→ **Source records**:

=====

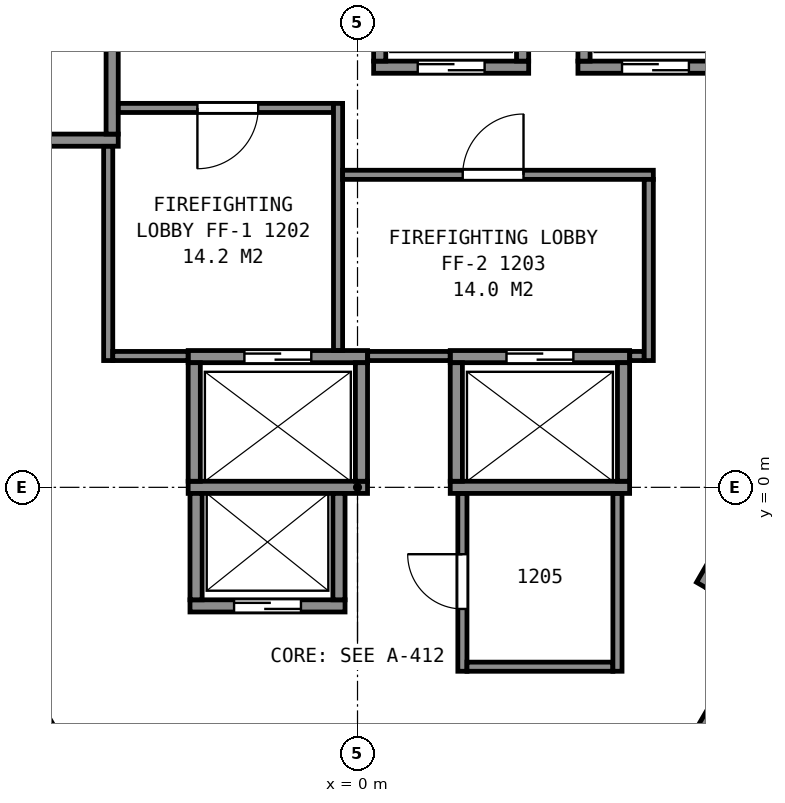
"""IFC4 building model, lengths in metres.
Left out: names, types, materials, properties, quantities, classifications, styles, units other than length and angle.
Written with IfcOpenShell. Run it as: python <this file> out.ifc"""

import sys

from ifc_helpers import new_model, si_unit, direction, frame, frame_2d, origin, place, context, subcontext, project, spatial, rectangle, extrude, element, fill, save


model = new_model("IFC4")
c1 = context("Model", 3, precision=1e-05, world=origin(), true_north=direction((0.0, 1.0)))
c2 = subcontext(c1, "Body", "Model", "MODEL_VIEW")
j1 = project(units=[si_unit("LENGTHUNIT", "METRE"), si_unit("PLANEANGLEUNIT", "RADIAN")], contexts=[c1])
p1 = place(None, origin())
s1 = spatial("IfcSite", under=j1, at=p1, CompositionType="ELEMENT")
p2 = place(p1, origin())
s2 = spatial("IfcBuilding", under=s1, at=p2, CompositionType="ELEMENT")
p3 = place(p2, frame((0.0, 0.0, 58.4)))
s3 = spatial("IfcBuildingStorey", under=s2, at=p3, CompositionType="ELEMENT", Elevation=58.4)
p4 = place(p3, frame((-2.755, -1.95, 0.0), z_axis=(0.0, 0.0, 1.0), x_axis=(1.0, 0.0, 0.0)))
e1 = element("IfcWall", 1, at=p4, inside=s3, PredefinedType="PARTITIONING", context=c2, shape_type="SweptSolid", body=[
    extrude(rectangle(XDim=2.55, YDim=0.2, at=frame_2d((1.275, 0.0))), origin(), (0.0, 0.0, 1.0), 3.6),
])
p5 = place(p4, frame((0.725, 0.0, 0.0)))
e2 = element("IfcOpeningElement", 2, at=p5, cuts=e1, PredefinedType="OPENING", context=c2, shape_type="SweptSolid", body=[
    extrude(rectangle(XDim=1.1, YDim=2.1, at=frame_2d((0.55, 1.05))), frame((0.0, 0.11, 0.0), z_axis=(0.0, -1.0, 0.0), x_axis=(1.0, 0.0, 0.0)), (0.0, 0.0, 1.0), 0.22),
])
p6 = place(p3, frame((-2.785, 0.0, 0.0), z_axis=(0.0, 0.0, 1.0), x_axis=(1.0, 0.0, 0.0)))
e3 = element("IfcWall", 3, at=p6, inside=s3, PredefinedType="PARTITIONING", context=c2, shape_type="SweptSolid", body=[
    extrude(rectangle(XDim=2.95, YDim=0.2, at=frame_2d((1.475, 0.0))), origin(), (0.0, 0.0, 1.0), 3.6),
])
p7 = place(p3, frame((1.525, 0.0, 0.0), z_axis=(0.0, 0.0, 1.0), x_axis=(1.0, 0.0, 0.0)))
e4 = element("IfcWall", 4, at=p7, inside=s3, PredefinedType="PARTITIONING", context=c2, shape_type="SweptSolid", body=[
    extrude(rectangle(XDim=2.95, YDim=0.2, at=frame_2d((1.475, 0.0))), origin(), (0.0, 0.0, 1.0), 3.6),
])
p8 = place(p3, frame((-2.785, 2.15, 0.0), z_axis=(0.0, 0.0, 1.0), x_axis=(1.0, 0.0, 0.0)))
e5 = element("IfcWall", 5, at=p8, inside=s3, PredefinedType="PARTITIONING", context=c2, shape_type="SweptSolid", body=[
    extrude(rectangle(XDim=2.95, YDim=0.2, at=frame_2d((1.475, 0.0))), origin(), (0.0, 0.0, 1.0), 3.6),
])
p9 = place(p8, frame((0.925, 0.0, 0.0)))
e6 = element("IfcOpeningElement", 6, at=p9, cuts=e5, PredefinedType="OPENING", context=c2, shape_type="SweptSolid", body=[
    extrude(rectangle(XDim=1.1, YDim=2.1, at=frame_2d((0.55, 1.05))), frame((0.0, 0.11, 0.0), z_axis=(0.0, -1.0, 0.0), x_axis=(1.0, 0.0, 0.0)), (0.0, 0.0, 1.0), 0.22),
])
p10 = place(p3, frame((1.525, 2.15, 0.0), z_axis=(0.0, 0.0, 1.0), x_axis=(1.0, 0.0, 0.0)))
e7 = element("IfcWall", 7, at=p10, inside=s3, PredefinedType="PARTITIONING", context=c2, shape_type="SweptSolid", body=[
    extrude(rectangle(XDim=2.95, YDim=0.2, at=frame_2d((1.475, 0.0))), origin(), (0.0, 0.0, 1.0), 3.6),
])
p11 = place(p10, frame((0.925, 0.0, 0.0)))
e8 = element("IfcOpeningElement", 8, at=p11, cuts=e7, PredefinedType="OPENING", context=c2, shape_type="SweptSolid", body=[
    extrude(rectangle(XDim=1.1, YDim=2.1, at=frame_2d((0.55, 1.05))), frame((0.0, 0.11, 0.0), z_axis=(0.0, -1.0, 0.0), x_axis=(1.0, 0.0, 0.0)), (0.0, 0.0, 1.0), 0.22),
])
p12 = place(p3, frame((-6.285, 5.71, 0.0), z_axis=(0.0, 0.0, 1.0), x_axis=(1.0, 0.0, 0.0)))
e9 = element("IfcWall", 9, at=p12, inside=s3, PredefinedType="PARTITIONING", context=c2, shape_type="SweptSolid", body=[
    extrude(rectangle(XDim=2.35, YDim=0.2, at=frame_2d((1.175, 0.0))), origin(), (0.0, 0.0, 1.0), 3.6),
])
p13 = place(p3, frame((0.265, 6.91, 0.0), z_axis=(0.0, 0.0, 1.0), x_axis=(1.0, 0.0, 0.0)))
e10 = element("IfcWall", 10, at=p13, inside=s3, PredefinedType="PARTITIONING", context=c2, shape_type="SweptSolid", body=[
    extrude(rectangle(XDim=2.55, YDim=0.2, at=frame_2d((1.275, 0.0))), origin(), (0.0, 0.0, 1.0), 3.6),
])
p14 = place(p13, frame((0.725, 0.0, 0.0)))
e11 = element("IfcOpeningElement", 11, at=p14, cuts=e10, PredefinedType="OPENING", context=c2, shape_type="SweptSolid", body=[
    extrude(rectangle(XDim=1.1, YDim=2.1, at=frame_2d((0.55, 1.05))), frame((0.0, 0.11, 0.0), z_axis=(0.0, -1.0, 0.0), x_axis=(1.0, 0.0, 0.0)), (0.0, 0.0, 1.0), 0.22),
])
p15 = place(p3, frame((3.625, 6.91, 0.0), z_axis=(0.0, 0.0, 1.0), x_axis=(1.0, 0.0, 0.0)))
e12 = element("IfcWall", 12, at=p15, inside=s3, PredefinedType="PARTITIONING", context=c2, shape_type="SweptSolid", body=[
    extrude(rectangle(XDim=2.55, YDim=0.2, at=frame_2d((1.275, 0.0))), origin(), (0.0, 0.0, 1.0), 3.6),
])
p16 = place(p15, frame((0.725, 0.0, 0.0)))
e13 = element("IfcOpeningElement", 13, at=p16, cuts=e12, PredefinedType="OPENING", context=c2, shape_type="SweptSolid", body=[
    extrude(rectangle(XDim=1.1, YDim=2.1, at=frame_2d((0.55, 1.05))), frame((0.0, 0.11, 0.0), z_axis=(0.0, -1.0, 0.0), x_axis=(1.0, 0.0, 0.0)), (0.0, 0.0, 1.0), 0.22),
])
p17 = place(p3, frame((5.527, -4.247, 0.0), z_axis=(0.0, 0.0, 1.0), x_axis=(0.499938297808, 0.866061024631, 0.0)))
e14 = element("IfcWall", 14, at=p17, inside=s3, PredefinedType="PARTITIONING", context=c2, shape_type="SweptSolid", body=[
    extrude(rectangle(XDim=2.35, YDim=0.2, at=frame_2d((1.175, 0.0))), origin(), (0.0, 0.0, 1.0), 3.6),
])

=====

→ **Exercise**: Wherever the word "direction" appears in a line of the data above, copy that line.

→ **Task solution**:
from ifc_helpers import new_model, si_unit, direction, frame, frame_2d, origin, place, context, subcontext, project, spatial, rectangle, extrude, element, fill, save
c1 = context("Model", 3, precision=1e-05, world=origin(), true_north=direction((0.0, 1.0)))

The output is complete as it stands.